■ Activity ■
In the output, include exactly the lines from the beginning of the records up to and including the one that contains "x_axis=(-0.68049031116, -0.732757078722, 0.0)))", and leave out the pictures.

· · · · · · ·

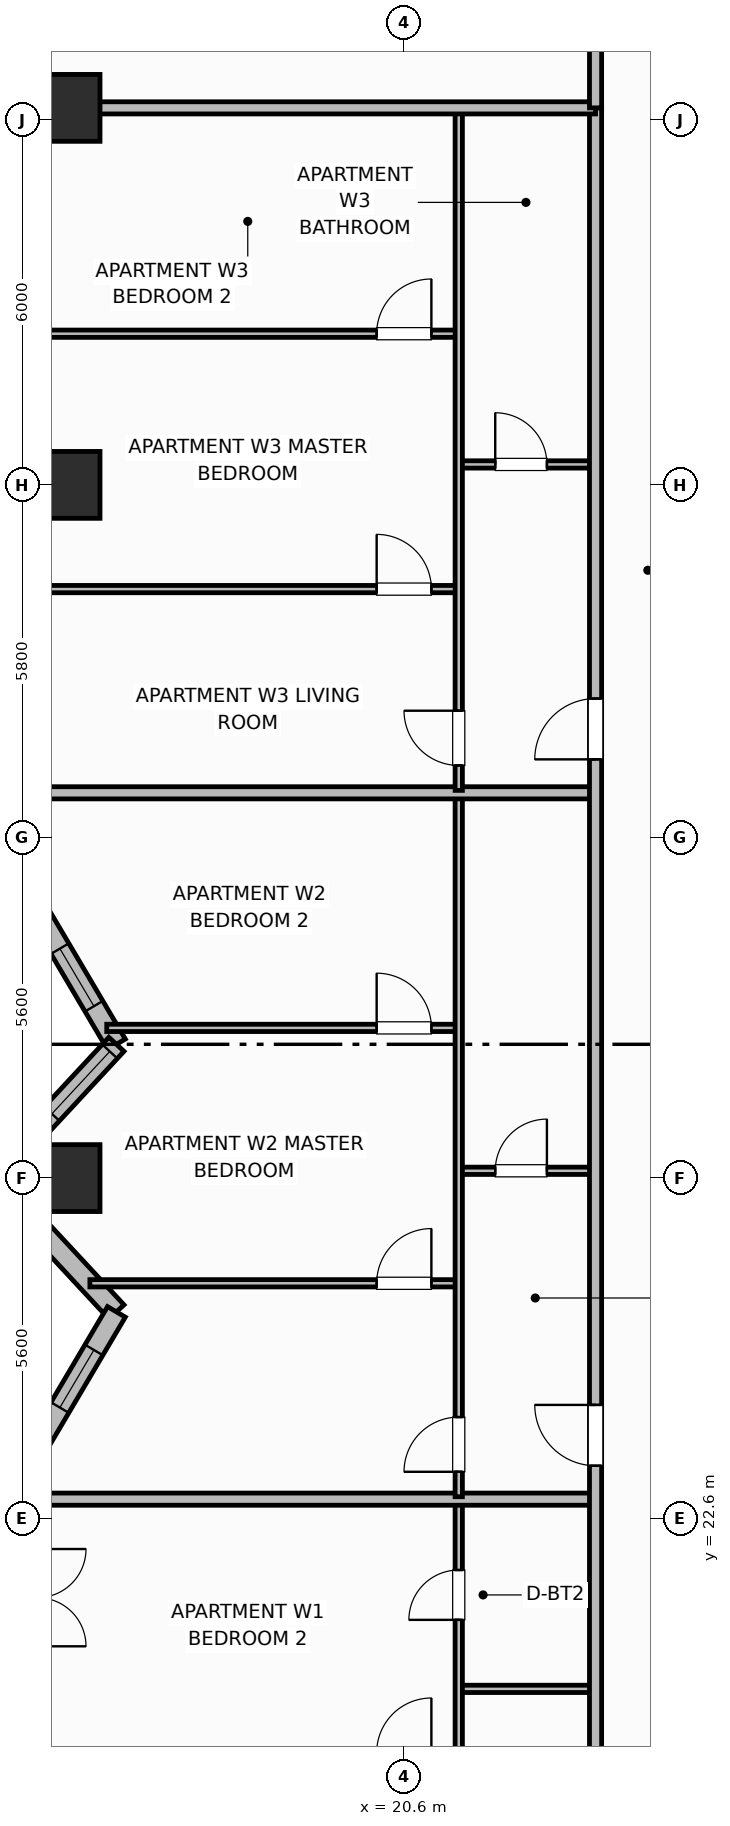
"""IFC4 building model, lengths in metres.
Left out: names, types, materials, properties, quantities, classifications, styles, units other than length and angle.
Written with IfcOpenShell. Run it as: python <this file> out.ifc"""

import sys

from ifc_helpers import new_model, si_unit, direction, frame, frame_2d, origin, origin_2d, place, context, subcontext, project, spatial, rectangle, extrude, element, fill, save


model = new_model("IFC4")
c1 = context("Model", 3, precision=1e-05, world=origin(), true_north=direction((0.0, 1.0)))
c2 = subcontext(c1, "Body", "Model", "MODEL_VIEW")
j1 = project(units=[si_unit("LENGTHUNIT", "METRE"), si_unit("PLANEANGLEUNIT", "RADIAN")], contexts=[c1])
p1 = place(None, origin())
s1 = spatial("IfcSite", under=j1, at=p1, CompositionType="ELEMENT")
p2 = place(p1, origin())
s2 = spatial("IfcBuilding", under=s1, at=p2, CompositionType="ELEMENT")
p3 = place(p2, frame((0.0, 0.0, 114.2)))
s3 = spatial("IfcBuildingStorey", under=s2, at=p3, CompositionType="ELEMENT", Elevation=114.2)
for number, where, z_axis, x_axis in (
    (1, (15.05, 28.2, 0.0), (0.0, 0.0, 1.0), (1.0, 0.0, 0.0)),
    (2, (15.05, 39.6, 0.0), (0.0, 0.0, 1.0), (1.0, 0.0, 0.0)),
    (3, (15.05, 45.8, 0.0), (0.0, 0.0, 1.0), (1.0, 0.0, 0.0)),
):
    element("IfcColumn", number, at=place(p3, frame(where, z_axis=z_axis, x_axis=x_axis)), inside=s3, PredefinedType="COLUMN", context=c2, shape_type="SweptSolid", body=[
        extrude(rectangle(XDim=1.1, YDim=1.1, at=origin_2d()), origin(), (0.0, 0.0, 1.0), 3.7),
    ])
p4 = place(p3, frame((14.57, 32.6, 0.0), z_axis=(0.0, 0.0, 1.0), x_axis=(0.508710000703, -0.860937939218, 0.0)))
e4 = element("IfcWall", 4, at=p4, inside=s3, PredefinedType="SOLIDWALL", context=c2, shape_type="SweptSolid", body=[
    extrude(rectangle(XDim=2.556, YDim=0.34, at=frame_2d((1.278, 0.0))), origin(), (0.0, 0.0, 1.0), 2.7),
])
p5 = place(p4, frame((0.728, 0.0, 0.89)))
e5 = element("IfcOpeningElement", 5, at=p5, cuts=e4, PredefinedType="OPENING", context=c2, shape_type="SweptSolid", body=[
    extrude(rectangle(XDim=1.1, YDim=1.65, at=frame_2d((0.55, 0.825))), frame((0.0, 0.18, 0.0), z_axis=(0.0, -1.0, 0.0), x_axis=(1.0, 0.0, 0.0)), (0.0, 0.0, 1.0), 0.36),
])
p6 = place(p3, frame((15.87, 30.4, 0.0), z_axis=(0.0, 0.0, 1.0), x_axis=(-0.68049031116, -0.732757078722, 0.0)))
e6 = element("IfcWall", 6, at=p6, inside=s3, PredefinedType="SOLIDWALL", context=c2, shape_type="SweptSolid", body=[
    extrude(rectangle(XDim=1.91, YDim=0.34, at=frame_2d((0.955, 0.0))), origin(), (0.0, 0.0, 1.0), 2.7),
])
p7 = place(p6, frame((0.16, 0.0, 0.69)))
e7 = element("IfcOpeningElement", 7, at=p7, cuts=e6, PredefinedType="OPENING", context=c2, shape_type="SweptSolid", body=[
    extrude(rectangle(XDim=1.4, YDim=1.85, at=frame_2d((0.7, 0.925))), frame((0.0, 0.18, 0.0), z_axis=(0.0, -1.0, 0.0), x_axis=(1.0, 0.0, 0.0)), (0.0, 0.0, 1.0), 0.36),
])
p8 = place(p3, frame((14.57, 27.4, 0.0), z_axis=(0.0, 0.0, 1.0), x_axis=(0.68049031116, -0.732757078722, 0.0)))
e8 = element("IfcWall", 8, at=p8, inside=s3, PredefinedType="SOLIDWALL", context=c2, shape_type="SweptSolid", body=[
    extrude(rectangle(XDim=1.91, YDim=0.34, at=frame_2d((0.955, 0.0))), origin(), (0.0, 0.0, 1.0), 2.7),
])
p9 = place(p3, frame((15.87, 26.0, 0.0), z_axis=(0.0, 0.0, 1.0), x_axis=(-0.508751843651, -0.860913213734, 0.0)))
e9 = element("IfcWall", 9, at=p9, inside=s3, PredefinedType="SOLIDWALL", context=c2, shape_type="SweptSolid", body=[
    extrude(rectangle(XDim=2.555, YDim=0.34, at=frame_2d((1.278, 0.0))), origin(), (0.0, 0.0, 1.0), 2.7),
])
p10 = place(p9, frame((0.728, 0.0, 0.89)))
e10 = element("IfcOpeningElement", 10, at=p10, cuts=e9, PredefinedType="OPENING", context=c2, shape_type="SweptSolid", body=[
    extrude(rectangle(XDim=1.1, YDim=1.65, at=frame_2d((0.55, 0.825))), frame((0.0, 0.18, 0.0), z_axis=(0.0, -1.0, 0.0), x_axis=(1.0, 0.0, 0.0)), (0.0, 0.0, 1.0), 0.36),
])
p11 = place(p3, frame((21.5, 19.8, 0.0), z_axis=(0.0, 0.0, 1.0), x_axis=(1.0, 0.0, 0.0)))
e11 = element("IfcWall", 11, at=p11, inside=s3, PredefinedType="PARTITIONING", context=c2, shape_type="SweptSolid", body=[
    extrude(rectangle(XDim=2.25, YDim=0.12, at=frame_2d((1.125, 0.0))), origin(), (0.0, 0.0, 1.0), 2.53),
])
p12 = place(p3, frame((21.5, 10.64, 0.0), z_axis=(0.0, 0.0, 1.0), x_axis=(0.0, 1.0, 0.0)))
e12 = element("IfcWall", 12, at=p12, inside=s3, PredefinedType="PARTITIONING", context=c2, shape_type="SweptSolid", body=[
    extrude(rectangle(XDim=12.24, YDim=0.12, at=frame_2d((6.12, 0.0))), origin(), (0.0, 0.0, 1.0), 2.53),
])
p13 = place(p12, frame((0.41, 0.0, 0.0)))
e13 = element("IfcOpeningElement", 13, at=p13, cuts=e12, PredefinedType="OPENING", context=c2, shape_type="SweptSolid", body=[
    extrude(rectangle(XDim=0.9, YDim=2.1, at=frame_2d((0.45, 1.05))), frame((0.0, 0.07, 0.0), z_axis=(0.0, -1.0, 0.0), x_axis=(1.0, 0.0, 0.0)), (0.0, 0.0, 1.0), 0.14),
])
p14 = place(p12, frame((10.295, 0.0, 0.0)))
e14 = element("IfcOpeningElement", 14, at=p14, cuts=e12, PredefinedType="OPENING", context=c2, shape_type="SweptSolid", body=[
    extrude(rectangle(XDim=0.82, YDim=2.08, at=frame_2d((0.41, 1.04))), frame((0.0, 0.07, 0.0), z_axis=(0.0, -1.0, 0.0), x_axis=(1.0, 0.0, 0.0)), (0.0, 0.0, 1.0), 0.14),
])
p15 = place(p3, frame((14.57, 22.92, 0.0), z_axis=(0.0, 0.0, 1.0), x_axis=(1.0, 0.0, 0.0)))
e15 = element("IfcWall", 15, at=p15, inside=s3, PredefinedType="PARTITIONING", context=c2, shape_type="SweptSolid", body=[
    extrude(rectangle(XDim=9.18, YDim=0.2, at=frame_2d((4.59, 0.0))), origin(), (0.0, 0.0, 1.0), 2.53),
])
p16 = place(p3, frame((21.5, 28.32, 0.0), z_axis=(0.0, 0.0, 1.0), x_axis=(1.0, 0.0, 0.0)))
e16 = element("IfcWall", 16, at=p16, inside=s3, PredefinedType="PARTITIONING", context=c2, shape_type="SweptSolid", body=[
    extrude(rectangle(XDim=2.25, YDim=0.12, at=frame_2d((1.125, 0.0))), origin(), (0.0, 0.0, 1.0), 2.53),
])
p17 = place(p16, frame((0.6, 0.0, 0.0)))
e17 = element("IfcOpeningElement", 17, at=p17, cuts=e16, PredefinedType="OPENING", context=c2, shape_type="SweptSolid", body=[
    extrude(rectangle(XDim=0.85, YDim=2.1, at=frame_2d((0.425, 1.05))), frame((0.0, 0.07, 0.0), z_axis=(0.0, -1.0, 0.0), x_axis=(1.0, 0.0, 0.0)), (0.0, 0.0, 1.0), 0.14),
])
p18 = place(p3, frame((15.434, 26.47, 0.0), z_axis=(0.0, 0.0, 1.0), x_axis=(1.0, 0.0, 0.0)))
e18 = element("IfcWall", 18, at=p18, inside=s3, PredefinedType="PARTITIONING", context=c2, shape_type="SweptSolid", body=[
    extrude(rectangle(XDim=6.066, YDim=0.12, at=frame_2d((3.033, 0.0))), origin(), (0.0, 0.0, 1.0), 2.53),
])
p19 = place(p18, frame((4.716, 0.0, 0.0)))
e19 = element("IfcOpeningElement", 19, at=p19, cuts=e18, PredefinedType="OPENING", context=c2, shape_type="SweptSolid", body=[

· · · · · · ·

■ Reply ■
"""IFC4 building model, lengths in metres.
Left out: names, types, materials, properties, quantities, classifications, styles, units other than length and angle.
Written with IfcOpenShell. Run it as: python <this file> out.ifc"""

import sys

from ifc_helpers import new_model, si_unit, direction, frame, frame_2d, origin, origin_2d, place, context, subcontext, project, spatial, rectangle, extrude, element, fill, save


model = new_model("IFC4")
c1 = context("Model", 3, precision=1e-05, world=origin(), true_north=direction((0.0, 1.0)))
c2 = subcontext(c1, "Body", "Model", "MODEL_VIEW")
j1 = project(units=[si_unit("LENGTHUNIT", "METRE"), si_unit("PLANEANGLEUNIT", "RADIAN")], contexts=[c1])
p1 = place(None, origin())
s1 = spatial("IfcSite", under=j1, at=p1, CompositionType="ELEMENT")
p2 = place(p1, origin())
s2 = spatial("IfcBuilding", under=s1, at=p2, CompositionType="ELEMENT")
p3 = place(p2, frame((0.0, 0.0, 114.2)))
s3 = spatial("IfcBuildingStorey", under=s2, at=p3, CompositionType="ELEMENT", Elevation=114.2)
for number, where, z_axis, x_axis in (
    (1, (15.05, 28.2, 0.0), (0.0, 0.0, 1.0), (1.0, 0.0, 0.0)),
    (2, (15.05, 39.6, 0.0), (0.0, 0.0, 1.0), (1.0, 0.0, 0.0)),
    (3, (15.05, 45.8, 0.0), (0.0, 0.0, 1.0), (1.0, 0.0, 0.0)),
):
    element("IfcColumn", number, at=place(p3, frame(where, z_axis=z_axis, x_axis=x_axis)), inside=s3, PredefinedType="COLUMN", context=c2, shape_type="SweptSolid", body=[
        extrude(rectangle(XDim=1.1, YDim=1.1, at=origin_2d()), origin(), (0.0, 0.0, 1.0), 3.7),
    ])
p4 = place(p3, frame((14.57, 32.6, 0.0), z_axis=(0.0, 0.0, 1.0), x_axis=(0.508710000703, -0.860937939218, 0.0)))
e4 = element("IfcWall", 4, at=p4, inside=s3, PredefinedType="SOLIDWALL", context=c2, shape_type="SweptSolid", body=[
    extrude(rectangle(XDim=2.556, YDim=0.34, at=frame_2d((1.278, 0.0))), origin(), (0.0, 0.0, 1.0), 2.7),
])
p5 = place(p4, frame((0.728, 0.0, 0.89)))
e5 = element("IfcOpeningElement", 5, at=p5, cuts=e4, PredefinedType="OPENING", context=c2, shape_type="SweptSolid", body=[
    extrude(rectangle(XDim=1.1, YDim=1.65, at=frame_2d((0.55, 0.825))), frame((0.0, 0.18, 0.0), z_axis=(0.0, -1.0, 0.0), x_axis=(1.0, 0.0, 0.0)), (0.0, 0.0, 1.0), 0.36),
])
p6 = place(p3, frame((15.87, 30.4, 0.0), z_axis=(0.0, 0.0, 1.0), x_axis=(-0.68049031116, -0.732757078722, 0.0)))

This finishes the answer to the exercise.